**WHAT IS EXPECTED:** Using the listing below, report each line holding the string "SOLIDWALL".

**MATERIAL SUPPLIED:**
━━━━━━━━

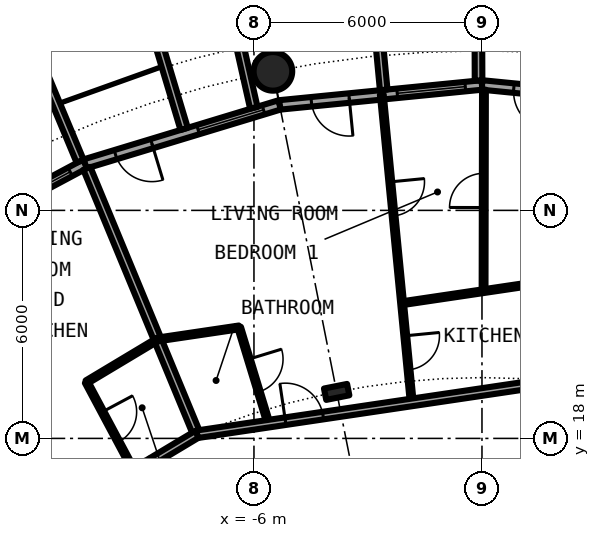
"""IFC4 building model, lengths in metres.
Left out: names, types, materials, properties, quantities, classifications, styles, units other than length and angle.
Written with IfcOpenShell. Run it as: python <this file> out.ifc"""

import sys

from ifc_helpers import new_model, si_unit, direction, frame, frame_2d, origin, origin_2d, place, context, subcontext, project, spatial, rectangle, hollow_circle, i_section, extrude, element, fill, save


model = new_model("IFC4")
c1 = context("Model", 3, precision=1e-05, world=origin(), true_north=direction((0.0, 1.0)))
c2 = subcontext(c1, "Body", "Model", "MODEL_VIEW")
j1 = project(units=[si_unit("LENGTHUNIT", "METRE"), si_unit("PLANEANGLEUNIT", "RADIAN")], contexts=[c1])
p1 = place(None, origin())
s1 = spatial("IfcSite", under=j1, at=p1, CompositionType="ELEMENT")
p2 = place(p1, origin())
s2 = spatial("IfcBuilding", under=s1, at=p2, CompositionType="ELEMENT")
p3 = place(p2, frame((0.0, 0.0, 28.9)))
s3 = spatial("IfcBuildingStorey", under=s2, at=p3, CompositionType="ELEMENT", Elevation=28.9)
p4 = place(p3, frame((-5.501, 27.658, 0.0), z_axis=(0.0, 0.0, 1.0), x_axis=(1.0, 0.0, 0.0)))
e1 = element("IfcColumn", 1, at=p4, inside=s3, PredefinedType="COLUMN", context=c2, shape_type="SweptSolid", body=[
    extrude(hollow_circle(Radius=0.508, WallThickness=0.05, at=origin_2d()), origin(), (0.0, 0.0, 1.0), 3.05),
])
p5 = place(p3, frame((-3.824, 19.223, 0.0), z_axis=(0.0, 0.0, 1.0), x_axis=(-0.195090322016, 0.980785280403, 0.0)))
e2 = element("IfcColumn", 2, at=p5, inside=s3, PredefinedType="COLUMN", context=c2, shape_type="SweptSolid", body=[
    extrude(i_section(OverallWidth=0.305, OverallDepth=0.62, WebThickness=0.021, FlangeThickness=0.04, FilletRadius=0.027, at=origin_2d()), origin(), (0.0, 0.0, 1.0), 3.05),
])
p6 = place(p3, frame((5.326, 26.775, 0.0), z_axis=(0.0, 0.0, 1.0), x_axis=(-0.995173996315, 0.098126026407, 0.0)))
e3 = element("IfcWall", 3, at=p6, inside=s3, PredefinedType="SOLIDWALL", context=c2, shape_type="SweptSolid", body=[
    extrude(rectangle(XDim=5.352, YDim=0.25, at=frame_2d((2.676, 0.0))), origin(), (0.0, 0.0, 1.0), 2.7),
])
p7 = place(p6, frame((0.441, 0.0, 0.3)))
e4 = element("IfcOpeningElement", 4, at=p7, cuts=e3, PredefinedType="OPENING", context=c2, shape_type="SweptSolid", body=[
    extrude(rectangle(XDim=1.8, YDim=2.1, at=frame_2d((0.9, 1.05))), frame((0.0, 0.135, 0.0), z_axis=(0.0, -1.0, 0.0), x_axis=(1.0, 0.0, 0.0)), (0.0, 0.0, 1.0), 0.27),
])
p8 = place(p6, frame((3.51, 0.0, 0.0)))
e5 = element("IfcOpeningElement", 5, at=p8, cuts=e3, PredefinedType="OPENING", context=c2, shape_type="SweptSolid", body=[
    extrude(rectangle(XDim=1.0, YDim=2.2, at=frame_2d((0.5, 1.1))), frame((0.0, 0.135, 0.0), z_axis=(0.0, -1.0, 0.0), x_axis=(1.0, 0.0, 0.0)), (0.0, 0.0, 1.0), 0.27),
])
p9 = place(p3, frame((0.0, 27.3, 0.0), z_axis=(0.0, 0.0, 1.0), x_axis=(-0.995173996315, -0.098126026407, 0.0)))
e6 = element("IfcWall", 6, at=p9, inside=s3, PredefinedType="SOLIDWALL", context=c2, shape_type="SweptSolid", body=[
    extrude(rectangle(XDim=5.352, YDim=0.25, at=frame_2d((2.676, 0.0))), origin(), (0.0, 0.0, 1.0), 2.7),
])
p10 = place(p9, frame((0.441, 0.0, 0.3)))
e7 = element("IfcOpeningElement", 7, at=p10, cuts=e6, PredefinedType="OPENING", context=c2, shape_type="SweptSolid", body=[
    extrude(rectangle(XDim=1.8, YDim=2.1, at=frame_2d((0.9, 1.05))), frame((0.0, 0.135, 0.0), z_axis=(0.0, -1.0, 0.0), x_axis=(1.0, 0.0, 0.0)), (0.0, 0.0, 1.0), 0.27),
])
p11 = place(p9, frame((3.51, 0.0, 0.0)))
e8 = element("IfcOpeningElement", 8, at=p11, cuts=e6, PredefinedType="OPENING", context=c2, shape_type="SweptSolid", body=[
    extrude(rectangle(XDim=1.0, YDim=2.2, at=frame_2d((0.5, 1.1))), frame((0.0, 0.135, 0.0), z_axis=(0.0, -1.0, 0.0), x_axis=(1.0, 0.0, 0.0)), (0.0, 0.0, 1.0), 0.27),
])
p12 = place(p3, frame((-0.09, 27.417, -0.03), z_axis=(0.0, 0.0, 1.0), x_axis=(-0.00347308367, 0.999993968827, 0.0)))
e9 = element("IfcWall", 9, at=p12, inside=s3, PredefinedType="SOLIDWALL", context=c2, shape_type="SweptSolid", body=[
    extrude(rectangle(XDim=2.882, YDim=0.2, at=frame_2d((1.441, 0.0))), origin(), (0.0, 0.0, 1.0), 2.73),
])
p13 = place(p3, frame((-2.586, 27.171, -0.03), z_axis=(0.0, 0.0, 1.0), x_axis=(-0.094548432284, 0.995520262954, 0.0)))
e10 = element("IfcWall", 10, at=p13, inside=s3, PredefinedType="SOLIDWALL", context=c2, shape_type="SweptSolid", body=[
    extrude(rectangle(XDim=3.006, YDim=0.2, at=frame_2d((1.503, 0.0))), origin(), (0.0, 0.0, 1.0), 2.73),
])
p14 = place(p3, frame((-5.326, 26.775, 0.0), z_axis=(0.0, 0.0, 1.0), x_axis=(-0.956965678721, -0.290201119486, 0.0)))
e11 = element("IfcWall", 11, at=p14, inside=s3, PredefinedType="SOLIDWALL", context=c2, shape_type="SweptSolid", body=[
    extrude(rectangle(XDim=5.351, YDim=0.25, at=frame_2d((2.676, 0.0))), origin(), (0.0, 0.0, 1.0), 2.7),
])
p15 = place(p14, frame((0.441, 0.0, 0.3)))
e12 = element("IfcOpeningElement", 12, at=p15, cuts=e11, PredefinedType="OPENING", context=c2, shape_type="SweptSolid", body=[
    extrude(rectangle(XDim=1.8, YDim=2.1, at=frame_2d((0.9, 1.05))), frame((0.0, 0.135, 0.0), z_axis=(0.0, -1.0, 0.0), x_axis=(1.0, 0.0, 0.0)), (0.0, 0.0, 1.0), 0.27),
])
p16 = place(p14, frame((3.51, 0.0, 0.0)))
e13 = element("IfcOpeningElement", 13, at=p16, cuts=e11, PredefinedType="OPENING", context=c2, shape_type="SweptSolid", body=[
    extrude(rectangle(XDim=1.0, YDim=2.2, at=frame_2d((0.5, 1.1))), frame((0.0, 0.135, 0.0), z_axis=(0.0, -1.0, 0.0), x_axis=(1.0, 0.0, 0.0)), (0.0, 0.0, 1.0), 0.27),
])
p17 = place(p3, frame((-6.004, 26.7, -0.03), z_axis=(0.0, 0.0, 1.0), x_axis=(-0.219609259383, 0.975587911566, 0.0)))
e14 = element("IfcWall", 14, at=p17, inside=s3, PredefinedType="SOLIDWALL", context=c2, shape_type="SweptSolid", body=[
    extrude(rectangle(XDim=2.933, YDim=0.2, at=frame_2d((1.466, 0.0))), origin(), (0.0, 0.0, 1.0), 2.73),
])
p18 = place(p3, frame((-7.837, 26.144, -0.03), z_axis=(0.0, 0.0, 1.0), x_axis=(-0.287064767992, 0.957911174889, 0.0)))
e15 = element("IfcWall", 15, at=p18, inside=s3, PredefinedType="SOLIDWALL", context=c2, shape_type="SweptSolid", body=[
    extrude(rectangle(XDim=3.006, YDim=0.2, at=frame_2d((1.503, 0.0))), origin(), (0.0, 0.0, 1.0), 2.73),
])
p19 = place(p3, frame((-10.447, 25.222, 0.0), z_axis=(0.0, 0.0, 1.0), x_axis=(-0.881915646801, -0.471407246368, 0.0)))
e16 = element("IfcWall", 16, at=p19, inside=s3, PredefinedType="SOLIDWALL", context=c2, shape_type="SweptSolid", body=[
    extrude(rectangle(XDim=5.352, YDim=0.25, at=frame_2d((2.676, 0.0))), origin(), (0.0, 0.0, 1.0), 2.7),
])
p20 = place(p19, frame((0.441, 0.0, 0.3)))
e17 = element("IfcOpeningElement", 17, at=p20, cuts=e16, PredefinedType="OPENING", context=c2, shape_type="SweptSolid", body=[
    extrude(rectangle(XDim=1.8, YDim=2.1, at=frame_2d((0.9, 1.05))), frame((0.0, 0.135, 0.0), z_axis=(0.0, -1.0, 0.0), x_axis=(1.0, 0.0, 0.0)), (0.0, 0.0, 1.0), 0.27),
])
p21 = place(p19, frame((3.51, 0.0, 0.0)))
e18 = element("IfcOpeningElement", 18, at=p21, cuts=e16, PredefinedType="OPENING", context=c2, shape_type="SweptSolid", body=[
    extrude(rectangle(XDim=1.0, YDim=2.2, at=frame_2d((0.5, 1.1))), frame((0.0, 0.135, 0.0), z_axis=(0.0, -1.0, 0.0), x_axis=(1.0, 0.0, 0.0)), (0.0, 0.0, 1.0), 0.27),
])
p22 = place(p3, frame((-10.575, 25.295, -0.03), z_axis=(0.0, 0.0, 1.0), x_axis=(-0.385697364644, 0.922625353492, 0.0)))
e19 = element("IfcWall", 19, at=p22, inside=s3, PredefinedType="SOLIDWALL", context=c2, shape_type="SweptSolid", body=[
    extrude(rectangle(XDim=2.883, YDim=0.2, at=frame_2d((1.442, 0.0))), origin(), (0.0, 0.0, 1.0), 2.73),
])
p23 = place(p3, frame((-10.405, 19.481, 0.0), z_axis=(0.0, 0.0, 1.0), x_axis=(0.471151994359, -0.882052038267, 0.0)))
e20 = element("IfcWall", 20, at=p23, inside=s3, PredefinedType="PARTITIONING", context=c2, shape_type="SweptSolid", body=[
    extrude(rectangle(XDim=2.674, YDim=0.1, at=frame_2d((1.337, 0.0))), origin(), (0.0, 0.0, 1.0), 2.7),
])
p24 = place(p23, frame((0.887, 0.0, 0.0)))
e21 = element("IfcOpeningElement", 21, at=p24, cuts=e20, PredefinedType="OPENING", context=c2, shape_type="SweptSolid", body=[
    extrude(rectangle(XDim=0.9, YDim=2.3, at=frame_2d((0.45, 1.15))), frame((0.0, 0.06, 0.0), z_axis=(0.0, -1.0, 0.0), x_axis=(1.0, 0.0, 0.0)), (0.0, 0.0, 1.0), 0.12),
])
p25 = place(p3, frame((-10.398, 25.106, 0.0), z_axis=(0.0, 0.0, 1.0), x_axis=(0.382490346157, -0.923959487801, 0.0)))
e22 = element("IfcWall", 22, at=p25, inside=s3, PredefinedType="PARTITIONING", context=c2, shape_type="SweptSolid", body=[
    extrude(rectangle(XDim=7.574, YDim=0.2, at=frame_2d((3.787, 0.0))), origin(), (0.0, 0.0, 1.0), 2.7),
])
p26 = place(p3, frame((-6.39, 20.921, 0.0), z_axis=(0.0, 0.0, 1.0), x_axis=(0.292206826201, -0.956355148845, 0.0)))
e23 = element("IfcWall", 23, at=p26, inside=s3, PredefinedType="PARTITIONING", context=c2, shape_type="SweptSolid", body=[
    extrude(rectangle(XDim=2.648, YDim=0.1, at=frame_2d((1.324, 0.0))), origin(), (0.0, 0.0, 1.0), 2.7),
])
p27 = place(p26, frame((0.874, 0.0, 0.0)))
e24 = element("IfcOpeningElement", 24, at=p27, cuts=e23, PredefinedType="OPENING", context=c2, shape_type="SweptSolid", body=[
    extrude(rectangle(XDim=0.9, YDim=2.3, at=frame_2d((0.45, 1.15))), frame((0.0, 0.06, 0.0), z_axis=(0.0, -1.0, 0.0), x_axis=(1.0, 0.0, 0.0)), (0.0, 0.0, 1.0), 0.12),
])
p28 = place(p3, frame((-2.636, 27.047, 0.0), z_axis=(0.0, 0.0, 1.0), x_axis=(0.096836141099, -0.995300337475, 0.0)))
e25 = element("IfcWall", 25, at=p28, inside=s3, PredefinedType="PARTITIONING", context=c2, shape_type="SweptSolid", body=[
    extrude(rectangle(XDim=8.138, YDim=0.1, at=frame_2d((4.069, 0.0))), origin(), (0.0, 0.0, 1.0), 2.7),
])
p29 = place(p28, frame((6.377, 0.0, 0.0)))
e26 = element("IfcOpeningElement", 26, at=p29, cuts=e25, PredefinedType="OPENING", context=c2, shape_type="SweptSolid", body=[
    extrude(rectangle(XDim=0.9, YDim=2.3, at=frame_2d((0.45, 1.15))), frame((0.0, 0.06, 0.0), z_axis=(0.0, -1.0, 0.0), x_axis=(1.0, 0.0, 0.0)), (0.0, 0.0, 1.0), 0.12),
])
p30 = place(p28, frame((2.308, 0.0, 0.0)))
e27 = element("IfcOpeningElement", 27, at=p30, cuts=e25, PredefinedType="OPENING", context=c2, shape_type="SweptSolid", body=[
    extrude(rectangle(XDim=0.9, YDim=2.3, at=frame_2d((0.45, 1.15))), frame((0.0, 0.06, 0.0), z_axis=(0.0, -1.0, 0.0), x_axis=(1.0, 0.0, 0.0)), (0.0, 0.0, 1.0), 0.12),
])
p31 = place(p3, frame((0.042, 21.875, 0.0), z_axis=(0.0, 0.0, 1.0), x_axis=(0.001888614256, 0.999998216567, 0.0)))
e28 = element("IfcWall", 28, at=p31, inside=s3, PredefinedType="PARTITIONING", context=c2, shape_type="SweptSolid", body=[
    extrude(rectangle(XDim=5.3, YDim=0.1, at=frame_2d((2.65, 0.0))), origin(), (0.0, 0.0, 1.0), 2.7),
])
p32 = place(p31, frame((2.2, 0.0, 0.0)))
e29 = element("IfcOpeningElement", 29, at=p32, cuts=e28, PredefinedType="OPENING", context=c2, shape_type="SweptSolid", body=[
    extrude(rectangle(XDim=0.9, YDim=2.3, at=frame_2d((0.45, 1.15))), frame((0.0, 0.06, 0.0), z_axis=(0.0, -1.0, 0.0), x_axis=(1.0, 0.0, 0.0)), (0.0, 0.0, 1.0), 0.12),
])
p33 = place(p3, frame((-7.501, 18.108, 0.0), z_axis=(0.0, 0.0, 1.0), x_axis=(0.989167514259, 0.146791105777, 0.0)))
e30 = element("IfcWall", 30, at=p33, inside=s3, PredefinedType="PARTITIONING", context=c2, shape_type="SweptSolid", body=[
    extrude(rectangle(XDim=9.525, YDim=0.2, at=frame_2d((4.763, 0.0))), origin(), (0.0, 0.0, 1.0), 2.38),
])
p34 = place(p33, frame((2.355, 0.0, 0.0)))
e31 = element("IfcOpeningElement", 31, at=p34, cuts=e30, PredefinedType="OPENING", context=c2, shape_type="SweptSolid", body=[
    extrude(rectangle(XDim=1.0, YDim=2.3, at=frame_2d((0.5, 1.15))), frame((0.0, 0.11, 0.0), z_axis=(0.0, -1.0, 0.0), x_axis=(1.0, 0.0, 0.0)), (0.0, 0.0, 1.0), 0.22),
])
p35 = place(p3, frame((-10.653, 16.218, 0.0), z_axis=(0.0, 0.0, 1.0), x_axis=(0.857656999296, 0.514222200569, 0.0)))
e32 = element("IfcWall", 32, at=p35, inside=s3, PredefinedType="PARTITIONING", context=c2, shape_type="SweptSolid", body=[
    extrude(rectangle(XDim=3.675, YDim=0.2, at=frame_2d((1.838, 0.0))), origin(), (0.0, 0.0, 1.0), 2.38),
])
p36 = place(p3, frame((-8.534, 20.603, 0.0), z_axis=(0.0, 0.0, 1.0), x_axis=(0.989187732684, 0.14665479708, 0.0)))
e33 = element("IfcWall", 33, at=p36, inside=s3, PredefinedType="PARTITIONING", context=c2, shape_type="SweptSolid", body=[
    extrude(rectangle(XDim=2.167, YDim=0.1, at=frame_2d((1.084, 0.0))), origin(), (0.0, 0.0, 1.0), 2.7),
])
p37 = place(p3, frame((-2.102, 21.557, 0.0), z_axis=(0.0, 0.0, 1.0), x_axis=(0.989171386505, 0.146765009863, 0.0)))
e34 = element("IfcWall", 34, at=p37, inside=s3, PredefinedType="PARTITIONING", context=c2, shape_type="SweptSolid", body=[
    extrude(rectangle(XDim=4.335, YDim=0.1, at=frame_2d((2.167, 0.0))), origin(), (0.0, 0.0, 1.0), 2.7),
])
p38 = place(p3, frame((-10.405, 19.481, 0.0), z_axis=(0.0, 0.0, 1.0), x_axis=(0.857611386679, 0.514298268943, 0.0)))
e35 = element("IfcWall", 35, at=p38, inside=s3, PredefinedType="PARTITIONING", context=c2, shape_type="SweptSolid", body=[
    extrude(rectangle(XDim=2.182, YDim=0.1, at=frame_2d((1.091, 0.0))), origin(), (0.0, 0.0, 1.0), 2.7),
])
p39 = place(p8, origin())
e36 = element("IfcDoor", 36, at=p39, inside=s3, OperationType="SINGLE_SWING_LEFT", PredefinedType="DOOR", context=c2, shape_type="SweptSolid", body=[
    extrude(rectangle(XDim=1.0, YDim=2.2, at=frame_2d((0.5, 1.1))), frame((0.0, 0.025, 0.0), z_axis=(0.0, -1.0, 0.0), x_axis=(1.0, 0.0, 0.0)), (0.0, 0.0, 1.0), 0.05),
])
fill(e5, e36)
p40 = place(p10, origin())
e37 = element("IfcWindow", 37, at=p40, inside=s3, PartitioningType="SINGLE_PANEL", PredefinedType="WINDOW", context=c2, shape_type="SweptSolid", body=[
    extrude(rectangle(XDim=1.8, YDim=2.1, at=frame_2d((0.9, 1.05))), frame((0.0, 0.03, 0.0), z_axis=(0.0, -1.0, 0.0), x_axis=(1.0, 0.0, 0.0)), (0.0, 0.0, 1.0), 0.06),
])
fill(e7, e37)
p41 = place(p11, origin())
e38 = element("IfcDoor", 38, at=p41, inside=s3, OperationType="SINGLE_SWING_LEFT", PredefinedType="DOOR", context=c2, shape_type="SweptSolid", body=[
    extrude(rectangle(XDim=1.0, YDim=2.2, at=frame_2d((0.5, 1.1))), frame((0.0, 0.025, 0.0), z_axis=(0.0, -1.0, 0.0), x_axis=(1.0, 0.0, 0.0)), (0.0, 0.0, 1.0), 0.05),
])
fill(e8, e38)
p42 = place(p15, origin())
e39 = element("IfcWindow", 39, at=p42, inside=s3, PartitioningType="SINGLE_PANEL", PredefinedType="WINDOW", context=c2, shape_type="SweptSolid", body=[
    extrude(rectangle(XDim=1.8, YDim=2.1, at=frame_2d((0.9, 1.05))), frame((0.0, 0.03, 0.0), z_axis=(0.0, -1.0, 0.0), x_axis=(1.0, 0.0, 0.0)), (0.0, 0.0, 1.0), 0.06),
])
fill(e12, e39)
p43 = place(p16, origin())
e40 = element("IfcDoor", 40, at=p43, inside=s3, OperationType="SINGLE_SWING_LEFT", PredefinedType="DOOR", context=c2, shape_type="SweptSolid", body=[
    extrude(rectangle(XDim=1.0, YDim=2.2, at=frame_2d((0.5, 1.1))), frame((0.0, 0.025, 0.0), z_axis=(0.0, -1.0, 0.0), x_axis=(1.0, 0.0, 0.0)), (0.0, 0.0, 1.0), 0.05),
])
fill(e13, e40)
p44 = place(p20, origin())
e41 = element("IfcWindow", 41, at=p44, inside=s3, PartitioningType="SINGLE_PANEL", PredefinedType="WINDOW", context=c2, shape_type="SweptSolid", body=[
    extrude(rectangle(XDim=1.8, YDim=2.1, at=frame_2d((0.9, 1.05))), frame((0.0, 0.03, 0.0), z_axis=(0.0, -1.0, 0.0), x_axis=(1.0, 0.0, 0.0)), (0.0, 0.0, 1.0), 0.06),
])
fill(e17, e41)
p45 = place(p34, origin())
e42 = element("IfcDoor", 42, at=p45, inside=s3, OperationType="SINGLE_SWING_LEFT", PredefinedType="DOOR", context=c2, shape_type="SweptSolid", body=[
    extrude(rectangle(XDim=1.0, YDim=2.3, at=frame_2d((0.5, 1.15))), frame((0.0, 0.025, 0.0), z_axis=(0.0, -1.0, 0.0), x_axis=(1.0, 0.0, 0.0)), (0.0, 0.0, 1.0), 0.05),
])
fill(e31, e42)
p46 = place(p27, origin())
e43 = element("IfcDoor", 43, at=p46, inside=s3, OperationType="SINGLE_SWING_LEFT", PredefinedType="DOOR", context=c2, shape_type="SweptSolid", body=[
    extrude(rectangle(XDim=0.9, YDim=2.3, at=frame_2d((0.45, 1.15))), frame((0.0, 0.025, 0.0), z_axis=(0.0, -1.0, 0.0), x_axis=(1.0, 0.0, 0.0)), (0.0, 0.0, 1.0), 0.05),
])
fill(e24, e43)
p47 = place(p29, origin())
e44 = element("IfcDoor", 44, at=p47, inside=s3, OperationType="SINGLE_SWING_RIGHT", PredefinedType="DOOR", context=c2, shape_type="SweptSolid", body=[
    extrude(rectangle(XDim=0.9, YDim=2.3, at=frame_2d((0.45, 1.15))), frame((0.0, 0.025, 0.0), z_axis=(0.0, -1.0, 0.0), x_axis=(1.0, 0.0, 0.0)), (0.0, 0.0, 1.0), 0.05),
])
fill(e26, e44)
p48 = place(p30, origin())
e45 = element("IfcDoor", 45, at=p48, inside=s3, OperationType="SINGLE_SWING_LEFT", PredefinedType="DOOR", context=c2, shape_type="SweptSolid", body=[
    extrude(rectangle(XDim=0.9, YDim=2.3, at=frame_2d((0.45, 1.15))), frame((0.0, 0.025, 0.0), z_axis=(0.0, -1.0, 0.0), x_axis=(1.0, 0.0, 0.0)), (0.0, 0.0, 1.0), 0.05),
])
fill(e27, e45)
p49 = place(p32, origin())
e46 = element("IfcDoor", 46, at=p49, inside=s3, OperationType="SINGLE_SWING_RIGHT", PredefinedType="DOOR", context=c2, shape_type="SweptSolid", body=[
    extrude(rectangle(XDim=0.9, YDim=2.3, at=frame_2d((0.45, 1.15))), frame((0.0, 0.025, 0.0), z_axis=(0.0, -1.0, 0.0), x_axis=(1.0, 0.0, 0.0)), (0.0, 0.0, 1.0), 0.05),
])
fill(e29, e46)
p50 = place(p24, origin())
e47 = element("IfcDoor", 47, at=p50, inside=s3, OperationType="SINGLE_SWING_LEFT", PredefinedType="DOOR", context=c2, shape_type="SweptSolid", body=[
    extrude(rectangle(XDim=0.9, YDim=2.3, at=frame_2d((0.45, 1.15))), frame((0.0, 0.025, 0.0), z_axis=(0.0, -1.0, 0.0), x_axis=(1.0, 0.0, 0.0)), (0.0, 0.0, 1.0), 0.05),
])
fill(e21, e47)
save(model, sys.argv[1])

━━━━━━━━

**WRITTEN RESPONSE:**
e3 = element("IfcWall", 3, at=p6, inside=s3, PredefinedType="SOLIDWALL", context=c2, shape_type="SweptSolid", body=[
e6 = element("IfcWall", 6, at=p9, inside=s3, PredefinedType="SOLIDWALL", context=c2, shape_type="SweptSolid", body=[
e9 = element("IfcWall", 9, at=p12, inside=s3, PredefinedType="SOLIDWALL", context=c2, shape_type="SweptSolid", body=[
e10 = element("IfcWall", 10, at=p13, inside=s3, PredefinedType="SOLIDWALL", context=c2, shape_type="SweptSolid", body=[
e11 = element("IfcWall", 11, at=p14, inside=s3, PredefinedType="SOLIDWALL", context=c2, shape_type="SweptSolid", body=[
e14 = element("IfcWall", 14, at=p17, inside=s3, PredefinedType="SOLIDWALL", context=c2, shape_type="SweptSolid", body=[
e15 = element("IfcWall", 15, at=p18, inside=s3, PredefinedType="SOLIDWALL", context=c2, shape_type="SweptSolid", body=[
e16 = element("IfcWall", 16, at=p19, inside=s3, PredefinedType="SOLIDWALL", context=c2, shape_type="SweptSolid", body=[
e19 = element("IfcWall", 19, at=p22, inside=s3, PredefinedType="SOLIDWALL", context=c2, shape_type="SweptSolid", body=[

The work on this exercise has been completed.